##### Entries shown
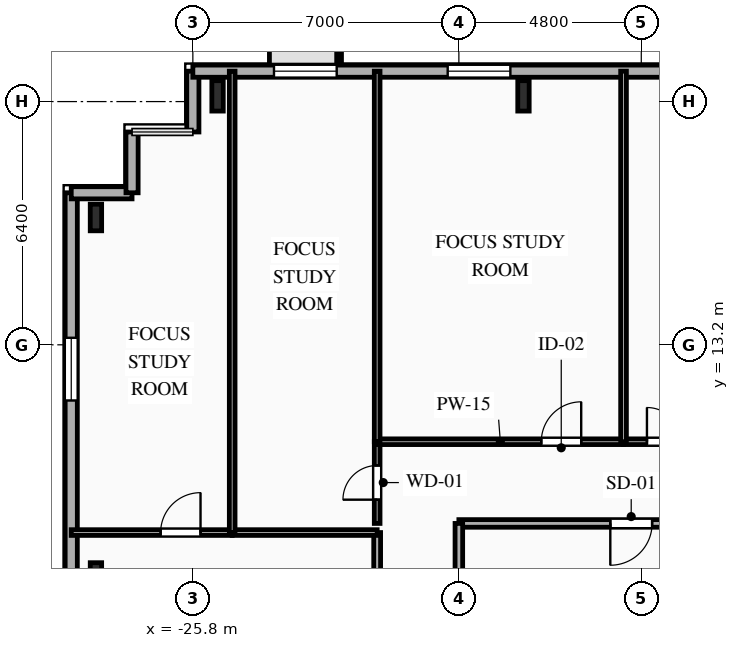
"""IFC4 building model, lengths in metres.
Left out: names, types, materials, properties, quantities, classifications, styles, units other than length and angle.
Written with IfcOpenShell. Run it as: python <this file> out.ifc"""

import sys

from ifc_helpers import new_model, si_unit, direction, frame, frame_2d, origin, origin_2d, place, context, subcontext, project, spatial, rectangle, i_section, extrude, element, fill, save


model = new_model("IFC4")
c1 = context("Model", 3, precision=1e-05, world=origin(), true_north=direction((0.0, 1.0)))
c2 = subcontext(c1, "Body", "Model", "MODEL_VIEW")
j1 = project(units=[si_unit("LENGTHUNIT", "METRE"), si_unit("PLANEANGLEUNIT", "RADIAN")], contexts=[c1])
p1 = place(None, origin())
s1 = spatial("IfcSite", under=j1, at=p1, CompositionType="ELEMENT")
p2 = place(p1, origin())
s2 = spatial("IfcBuilding", under=s1, at=p2, CompositionType="ELEMENT")
p3 = place(p2, frame((0.0, 0.0, 161.15)))
s3 = spatial("IfcBuildingStorey", under=s2, at=p3, CompositionType="ELEMENT", Elevation=161.15)
for number, where, z_axis, x_axis in (
    (1, (-17.1, 19.75, 0.0), (0.0, 0.0, 1.0), (1.0, 0.0, 0.0)),
    (2, (-25.15, 19.75, 0.0), (0.0, 0.0, 1.0), (1.0, 0.0, 0.0)),
):
    element("IfcColumn", number, at=place(p3, frame(where, z_axis=z_axis, x_axis=x_axis)), inside=s3, PredefinedType="COLUMN", context=c2, shape_type="SweptSolid", body=[
        extrude(i_section(OverallWidth=0.3, OverallDepth=0.8, WebThickness=0.018, FlangeThickness=0.033, FilletRadius=0.03, at=origin_2d()), origin(), (0.0, 0.0, 1.0), 3.35),
    ])
for number, where, z_axis, x_axis in (
    (3, (-28.35, 16.55, 0.0), (0.0, 0.0, 1.0), (1.0, 0.0, 0.0)),
    (4, (-28.35, 7.117, 0.0), (0.0, 0.0, 1.0), (1.0, 0.0, 0.0)),
):
    element("IfcColumn", number, at=place(p3, frame(where, z_axis=z_axis, x_axis=x_axis)), inside=s3, PredefinedType="COLUMN", context=c2, shape_type="SweptSolid", body=[
        extrude(i_section(OverallWidth=0.3, OverallDepth=0.7, WebThickness=0.017, FlangeThickness=0.032, FilletRadius=0.027, at=origin_2d()), origin(), (0.0, 0.0, 1.0), 3.35),
    ])
p4 = place(p3, frame((-29.0, -12.4, 0.0), z_axis=(0.0, 0.0, 1.0), x_axis=(0.0, 1.0, 0.0)))
e5 = element("IfcWall", 5, at=p4, inside=s3, PredefinedType="SOLIDWALL", context=c2, shape_type="SweptSolid", body=[
    extrude(rectangle(XDim=29.6, YDim=0.32, at=frame_2d((14.8, 0.0))), origin(), (0.0, 0.0, 1.0), 3.04),
])
p5 = place(p4, frame((3.895, 0.0, 0.85)))
e6 = element("IfcOpeningElement", 6, at=p5, cuts=e5, PredefinedType="OPENING", context=c2, shape_type="SweptSolid", body=[
    extrude(rectangle(XDim=1.65, YDim=1.85, at=frame_2d((0.825, 0.925))), frame((0.0, 0.17, 0.0), z_axis=(0.0, -1.0, 0.0), x_axis=(1.0, 0.0, 0.0)), (0.0, 0.0, 1.0), 0.34),
])
p6 = place(p4, frame((13.74, 0.0, 0.85)))
e7 = element("IfcOpeningElement", 7, at=p6, cuts=e5, PredefinedType="OPENING", context=c2, shape_type="SweptSolid", body=[
    extrude(rectangle(XDim=2.2, YDim=1.85, at=frame_2d((1.1, 0.925))), frame((0.0, 0.17, 0.0), z_axis=(0.0, -1.0, 0.0), x_axis=(1.0, 0.0, 0.0)), (0.0, 0.0, 1.0), 0.34),
])
p7 = place(p4, frame((24.135, 0.0, 0.85)))
e8 = element("IfcOpeningElement", 8, at=p7, cuts=e5, PredefinedType="OPENING", context=c2, shape_type="SweptSolid", body=[
    extrude(rectangle(XDim=1.65, YDim=1.85, at=frame_2d((0.825, 0.925))), frame((0.0, 0.17, 0.0), z_axis=(0.0, -1.0, 0.0), x_axis=(1.0, 0.0, 0.0)), (0.0, 0.0, 1.0), 0.34),
])
for number, where, z_axis, x_axis in (
    (9, (-29.0, 17.2, 0.0), (0.0, 0.0, 1.0), (1.0, 0.0, 0.0)),
    (10, (-27.4, 17.2, 0.0), (0.0, 0.0, 1.0), (0.0, 1.0, 0.0)),
):
    element("IfcWall", number, at=place(p3, frame(where, z_axis=z_axis, x_axis=x_axis)), inside=s3, PredefinedType="SOLIDWALL", context=c2, shape_type="SweptSolid", body=[
        extrude(rectangle(XDim=1.6, YDim=0.32, at=frame_2d((0.8, 0.0))), origin(), (0.0, 0.0, 1.0), 3.04),
    ])
p8 = place(p3, frame((-25.8, 18.8, 0.0), z_axis=(0.0, 0.0, 1.0), x_axis=(0.0, 1.0, 0.0)))
e11 = element("IfcWall", 11, at=p8, inside=s3, PredefinedType="SOLIDWALL", context=c2, shape_type="SweptSolid", body=[
    extrude(rectangle(XDim=1.6, YDim=0.32, at=frame_2d((0.8, 0.0))), origin(), (0.0, 0.0, 1.0), 3.04),
])
p9 = place(p3, frame((-25.8, 20.4, 0.0), z_axis=(0.0, 0.0, 1.0), x_axis=(1.0, 0.0, 0.0)))
e12 = element("IfcWall", 12, at=p9, inside=s3, PredefinedType="SOLIDWALL", context=c2, shape_type="SweptSolid", body=[
    extrude(rectangle(XDim=49.6, YDim=0.32, at=frame_2d((24.8, 0.0))), origin(), (0.0, 0.0, 1.0), 3.04),
])
p10 = place(p9, frame((2.135, 0.0, 0.85)))
e13 = element("IfcOpeningElement", 13, at=p10, cuts=e12, PredefinedType="OPENING", context=c2, shape_type="SweptSolid", body=[
    extrude(rectangle(XDim=1.65, YDim=1.85, at=frame_2d((0.825, 0.925))), frame((0.0, 0.17, 0.0), z_axis=(0.0, -1.0, 0.0), x_axis=(1.0, 0.0, 0.0)), (0.0, 0.0, 1.0), 0.34),
])
p11 = place(p9, frame((6.706, 0.0, 0.85)))
e14 = element("IfcOpeningElement", 14, at=p11, cuts=e12, PredefinedType="OPENING", context=c2, shape_type="SweptSolid", body=[
    extrude(rectangle(XDim=1.65, YDim=1.85, at=frame_2d((0.825, 0.925))), frame((0.0, 0.17, 0.0), z_axis=(0.0, -1.0, 0.0), x_axis=(1.0, 0.0, 0.0)), (0.0, 0.0, 1.0), 0.34),
])
p12 = place(p9, frame((14.931, 0.0, 0.85)))
e15 = element("IfcOpeningElement", 15, at=p12, cuts=e12, PredefinedType="OPENING", context=c2, shape_type="SweptSolid", body=[
    extrude(rectangle(XDim=1.6, YDim=1.85, at=frame_2d((0.8, 0.925))), frame((0.0, 0.17, 0.0), z_axis=(0.0, -1.0, 0.0), x_axis=(1.0, 0.0, 0.0)), (0.0, 0.0, 1.0), 0.34),
])
p13 = place(p9, frame((20.74, 0.0, 0.85)))
e16 = element("IfcOpeningElement", 16, at=p13, cuts=e12, PredefinedType="OPENING", context=c2, shape_type="SweptSolid", body=[
    extrude(rectangle(XDim=2.2, YDim=1.85, at=frame_2d((1.1, 0.925))), frame((0.0, 0.17, 0.0), z_axis=(0.0, -1.0, 0.0), x_axis=(1.0, 0.0, 0.0)), (0.0, 0.0, 1.0), 0.34),
])
p14 = place(p9, frame((27.74, 0.0, 0.85)))
e17 = element("IfcOpeningElement", 17, at=p14, cuts=e12, PredefinedType="OPENING", context=c2, shape_type="SweptSolid", body=[
    extrude(rectangle(XDim=2.2, YDim=1.85, at=frame_2d((1.1, 0.925))), frame((0.0, 0.17, 0.0), z_axis=(0.0, -1.0, 0.0), x_axis=(1.0, 0.0, 0.0)), (0.0, 0.0, 1.0), 0.34),
])
p15 = place(p9, frame((34.7, 0.0, 0.85)))
e18 = element("IfcOpeningElement", 18, at=p15, cuts=e12, PredefinedType="OPENING", context=c2, shape_type="SweptSolid", body=[
    extrude(rectangle(XDim=2.2, YDim=1.85, at=frame_2d((1.1, 0.925))), frame((0.0, 0.17, 0.0), z_axis=(0.0, -1.0, 0.0), x_axis=(1.0, 0.0, 0.0)), (0.0, 0.0, 1.0), 0.34),
])
p16 = place(p9, frame((42.215, 0.0, 0.85)))
e19 = element("IfcOpeningElement", 19, at=p16, cuts=e12, PredefinedType="OPENING", context=c2, shape_type="SweptSolid", body=[
    extrude(rectangle(XDim=1.65, YDim=1.85, at=frame_2d((0.825, 0.925))), frame((0.0, 0.17, 0.0), z_axis=(0.0, -1.0, 0.0), x_axis=(1.0, 0.0, 0.0)), (0.0, 0.0, 1.0), 0.34),
])
p17 = place(p9, frame((47.45, 0.0, 0.85)))
e20 = element("IfcOpeningElement", 20, at=p17, cuts=e12, PredefinedType="OPENING", context=c2, shape_type="SweptSolid", body=[
    extrude(rectangle(XDim=1.1, YDim=1.85, at=frame_2d((0.55, 0.925))), frame((0.0, 0.17, 0.0), z_axis=(0.0, -1.0, 0.0), x_axis=(1.0, 0.0, 0.0)), (0.0, 0.0, 1.0), 0.34),
])
p18 = place(p3, frame((-12.0, 8.5, 0.0), z_axis=(0.0, 0.0, 1.0), x_axis=(-1.0, 0.0, 0.0)))
e21 = element("IfcWall", 21, at=p18, inside=s3, PredefinedType="PARTITIONING", context=c2, shape_type="SweptSolid", body=[
    extrude(rectangle(XDim=6.8, YDim=0.2, at=frame_2d((3.4, 0.0))), origin(), (0.0, 0.0, 1.0), 3.04),
])
p19 = place(p18, frame((1.715, 0.0, 0.0)))
e22 = element("IfcOpeningElement", 22, at=p19, cuts=e21, PredefinedType="OPENING", context=c2, shape_type="SweptSolid", body=[
    extrude(rectangle(XDim=1.1, YDim=2.15, at=frame_2d((0.55, 1.075))), frame((0.0, 0.11, 0.0), z_axis=(0.0, -1.0, 0.0), x_axis=(1.0, 0.0, 0.0)), (0.0, 0.0, 1.0), 0.22),
])
p20 = place(p3, frame((-18.8, 8.5, 0.0), z_axis=(0.0, 0.0, 1.0), x_axis=(0.0, -1.0, 0.0)))
e23 = element("IfcWall", 23, at=p20, inside=s3, PredefinedType="PARTITIONING", context=c2, shape_type="SweptSolid", body=[
    extrude(rectangle(XDim=2.9, YDim=0.2, at=frame_2d((1.45, 0.0))), origin(), (0.0, 0.0, 1.0), 2.525),
])
p21 = place(p3, frame((-20.95, 8.5, 0.0), z_axis=(0.0, 0.0, 1.0), x_axis=(0.0, 1.0, 0.0)))
e24 = element("IfcWall", 24, at=p21, inside=s3, PredefinedType="PARTITIONING", context=c2, shape_type="SweptSolid", body=[
    extrude(rectangle(XDim=2.15, YDim=0.15, at=frame_2d((1.075, 0.0))), origin(), (0.0, 0.0, 1.0), 3.04),
])
p22 = place(p21, frame((0.625, 0.0, 0.0)))
e25 = element("IfcOpeningElement", 25, at=p22, cuts=e24, PredefinedType="OPENING", context=c2, shape_type="SweptSolid", body=[
    extrude(rectangle(XDim=0.9, YDim=2.1, at=frame_2d((0.45, 1.05))), frame((0.0, 0.085, 0.0), z_axis=(0.0, -1.0, 0.0), x_axis=(1.0, 0.0, 0.0)), (0.0, 0.0, 1.0), 0.17),
])
p23 = place(p3, frame((-20.95, 10.65, 0.0), z_axis=(0.0, 0.0, 1.0), x_axis=(1.0, 0.0, 0.0)))
e26 = element("IfcWall", 26, at=p23, inside=s3, PredefinedType="PARTITIONING", context=c2, shape_type="SweptSolid", body=[
    extrude(rectangle(XDim=6.483, YDim=0.15, at=frame_2d((3.241, 0.0))), origin(), (0.0, 0.0, 1.0), 3.04),
])
p24 = place(p23, frame((4.319, 0.0, 0.0)))
e27 = element("IfcOpeningElement", 27, at=p24, cuts=e26, PredefinedType="OPENING", context=c2, shape_type="SweptSolid", body=[
    extrude(rectangle(XDim=1.05, YDim=2.15, at=frame_2d((0.525, 1.075))), frame((0.0, 0.085, 0.0), z_axis=(0.0, -1.0, 0.0), x_axis=(1.0, 0.0, 0.0)), (0.0, 0.0, 1.0), 0.17),
])
p25 = place(p3, frame((-14.467, 10.65, 0.0), z_axis=(0.0, 0.0, 1.0), x_axis=(1.0, 0.0, 0.0)))
e28 = element("IfcWall", 28, at=p25, inside=s3, PredefinedType="PLUMBINGWALL", context=c2, shape_type="SweptSolid", body=[
    extrude(rectangle(XDim=2.35, YDim=0.15, at=frame_2d((1.175, 0.0))), origin(), (0.0, 0.0, 1.0), 3.04),
])
p26 = place(p25, frame((0.616, 0.0, 0.0)))
e29 = element("IfcOpeningElement", 29, at=p26, cuts=e28, PredefinedType="OPENING", context=c2, shape_type="SweptSolid", body=[
    extrude(rectangle(XDim=0.9, YDim=2.1, at=frame_2d((0.45, 1.05))), frame((0.0, 0.085, 0.0), z_axis=(0.0, -1.0, 0.0), x_axis=(1.0, 0.0, 0.0)), (0.0, 0.0, 1.0), 0.17),
])
p27 = place(p3, frame((-20.95, -1.31, 0.0), z_axis=(0.0, 0.0, 1.0), x_axis=(0.0, 1.0, 0.0)))
e30 = element("IfcWall", 30, at=p27, inside=s3, PredefinedType="PARTITIONING", context=c2, shape_type="SweptSolid", body=[
    extrude(rectangle(XDim=9.57, YDim=0.18, at=frame_2d((4.785, 0.0))), origin(), (0.0, 0.0, 1.0), 3.04),
])
p28 = place(p27, frame((1.506, 0.0, 0.0)))
e31 = element("IfcOpeningElement", 31, at=p28, cuts=e30, PredefinedType="OPENING", context=c2, shape_type="SweptSolid", body=[
    extrude(rectangle(XDim=1.0, YDim=2.15, at=frame_2d((0.5, 1.075))), frame((0.0, 0.1, 0.0), z_axis=(0.0, -1.0, 0.0), x_axis=(1.0, 0.0, 0.0)), (0.0, 0.0, 1.0), 0.2),
])
p29 = place(p3, frame((-29.0, 8.26, 0.0), z_axis=(0.0, 0.0, 1.0), x_axis=(1.0, 0.0, 0.0)))
e32 = element("IfcWall", 32, at=p29, inside=s3, PredefinedType="PARTITIONING", context=c2, shape_type="SweptSolid", body=[
    extrude(rectangle(XDim=4.235, YDim=0.15, at=frame_2d((2.118, 0.0))), origin(), (0.0, 0.0, 1.0), 3.04),
])
p30 = place(p29, frame((2.352, 0.0, 0.0)))
e33 = element("IfcOpeningElement", 33, at=p30, cuts=e32, PredefinedType="OPENING", context=c2, shape_type="SweptSolid", body=[
    extrude(rectangle(XDim=1.05, YDim=2.15, at=frame_2d((0.525, 1.075))), frame((0.0, 0.085, 0.0), z_axis=(0.0, -1.0, 0.0), x_axis=(1.0, 0.0, 0.0)), (0.0, 0.0, 1.0), 0.17),
])
p31 = place(p3, frame((-24.765, 8.26, 0.0), z_axis=(0.0, 0.0, 1.0), x_axis=(1.0, 0.0, 0.0)))
e34 = element("IfcWall", 34, at=p31, inside=s3, PredefinedType="PARTITIONING", context=c2, shape_type="SweptSolid", body=[
    extrude(rectangle(XDim=3.815, YDim=0.15, at=frame_2d((1.907, 0.0))), origin(), (0.0, 0.0, 1.0), 3.04),
])
p32 = place(p3, frame((-24.765, 20.4, 0.0), z_axis=(0.0, 0.0, 1.0), x_axis=(0.0, -1.0, 0.0)))
e35 = element("IfcWall", 35, at=p32, inside=s3, PredefinedType="PARTITIONING", context=c2, shape_type="SweptSolid", body=[
    extrude(rectangle(XDim=12.14, YDim=0.15, at=frame_2d((6.07, 0.0))), origin(), (0.0, 0.0, 1.0), 3.04),
])
p33 = place(p3, frame((-20.95, 20.4, 0.0), z_axis=(0.0, 0.0, 1.0), x_axis=(0.0, -1.0, 0.0)))
e36 = element("IfcWall", 36, at=p33, inside=s3, PredefinedType="PARTITIONING", context=c2, shape_type="SweptSolid", body=[
    extrude(rectangle(XDim=9.75, YDim=0.15, at=frame_2d((4.875, 0.0))), origin(), (0.0, 0.0, 1.0), 3.04),
])
p34 = place(p3, frame((-14.467, 20.4, 0.0), z_axis=(0.0, 0.0, 1.0), x_axis=(0.0, -1.0, 0.0)))
e37 = element("IfcWall", 37, at=p34, inside=s3, PredefinedType="PLUMBINGWALL", context=c2, shape_type="SweptSolid", body=[
    extrude(rectangle(XDim=9.75, YDim=0.15, at=frame_2d((4.875, 0.0))), origin(), (0.0, 0.0, 1.0), 3.04),
])
p35 = place(p7, origin())
e38 = element("IfcWindow", 38, at=p35, inside=s3, PartitioningType="SINGLE_PANEL", PredefinedType="WINDOW", context=c2, shape_type="SweptSolid", body=[
    extrude(rectangle(XDim=1.65, YDim=1.85, at=frame_2d((0.825, 0.925))), frame((0.0, 0.03, 0.0), z_axis=(0.0, -1.0, 0.0), x_axis=(1.0, 0.0, 0.0)), (0.0, 0.0, 1.0), 0.06),
])
fill(e8, e38)
p36 = place(p10, origin())
e39 = element("IfcWindow", 39, at=p36, inside=s3, PartitioningType="SINGLE_PANEL", PredefinedType="WINDOW", context=c2, shape_type="SweptSolid", body=[
    extrude(rectangle(XDim=1.65, YDim=1.85, at=frame_2d((0.825, 0.925))), frame((0.0, 0.03, 0.0), z_axis=(0.0, -1.0, 0.0), x_axis=(1.0, 0.0, 0.0)), (0.0, 0.0, 1.0), 0.06),
])
fill(e13, e39)
p37 = place(p11, origin())
e40 = element("IfcWindow", 40, at=p37, inside=s3, PartitioningType="SINGLE_PANEL", PredefinedType="WINDOW", context=c2, shape_type="SweptSolid", body=[
    extrude(rectangle(XDim=1.65, YDim=1.85, at=frame_2d((0.825, 0.925))), frame((0.0, 0.03, 0.0), z_axis=(0.0, -1.0, 0.0), x_axis=(1.0, 0.0, 0.0)), (0.0, 0.0, 1.0), 0.06),
])
fill(e14, e40)
p38 = place(p19, origin())
e41 = element("IfcDoor", 41, at=p38, inside=s3, OperationType="SINGLE_SWING_RIGHT", PredefinedType="DOOR", context=c2, shape_type="SweptSolid", body=[
    extrude(rectangle(XDim=1.1, YDim=2.15, at=frame_2d((0.55, 1.075))), frame((0.0, 0.025, 0.0), z_axis=(0.0, -1.0, 0.0), x_axis=(1.0, 0.0, 0.0)), (0.0, 0.0, 1.0), 0.05),
])
fill(e22, e41)
p39 = place(p22, origin())
e42 = element("IfcDoor", 42, at=p39, inside=s3, OperationType="SINGLE_SWING_LEFT", PredefinedType="DOOR", context=c2, shape_type="SweptSolid", body=[
    extrude(rectangle(XDim=0.9, YDim=2.1, at=frame_2d((0.45, 1.05))), frame((0.0, 0.025, 0.0), z_axis=(0.0, -1.0, 0.0), x_axis=(1.0, 0.0, 0.0)), (0.0, 0.0, 1.0), 0.05),
])
fill(e25, e42)
p40 = place(p24, origin())
e43 = element("IfcDoor", 43, at=p40, inside=s3, OperationType="SINGLE_SWING_RIGHT", PredefinedType="DOOR", context=c2, shape_type="SweptSolid", body=[
    extrude(rectangle(XDim=1.05, YDim=2.15, at=frame_2d((0.525, 1.075))), frame((0.0, 0.025, 0.0), z_axis=(0.0, -1.0, 0.0), x_axis=(1.0, 0.0, 0.0)), (0.0, 0.0, 1.0), 0.05),
])
fill(e27, e43)
p41 = place(p26, origin())
e44 = element("IfcDoor", 44, at=p41, inside=s3, OperationType="SINGLE_SWING_LEFT", PredefinedType="DOOR", context=c2, shape_type="SweptSolid", body=[
    extrude(rectangle(XDim=0.9, YDim=2.1, at=frame_2d((0.45, 1.05))), frame((0.0, 0.025, 0.0), z_axis=(0.0, -1.0, 0.0), x_axis=(1.0, 0.0, 0.0)), (0.0, 0.0, 1.0), 0.05),
])
fill(e29, e44)
p42 = place(p30, origin())
e45 = element("IfcDoor", 45, at=p42, inside=s3, OperationType="SINGLE_SWING_RIGHT", PredefinedType="DOOR", context=c2, shape_type="SweptSolid", body=[
    extrude(rectangle(XDim=1.05, YDim=2.15, at=frame_2d((0.525, 1.075))), frame((0.0, 0.025, 0.0), z_axis=(0.0, -1.0, 0.0), x_axis=(1.0, 0.0, 0.0)), (0.0, 0.0, 1.0), 0.05),
])
fill(e33, e45)
save(model, sys.argv[1])
##########
- Task instructions: Within the material, how many lines hold the word "CompositionType"? Only the number is needed.

- Answer to this task: 3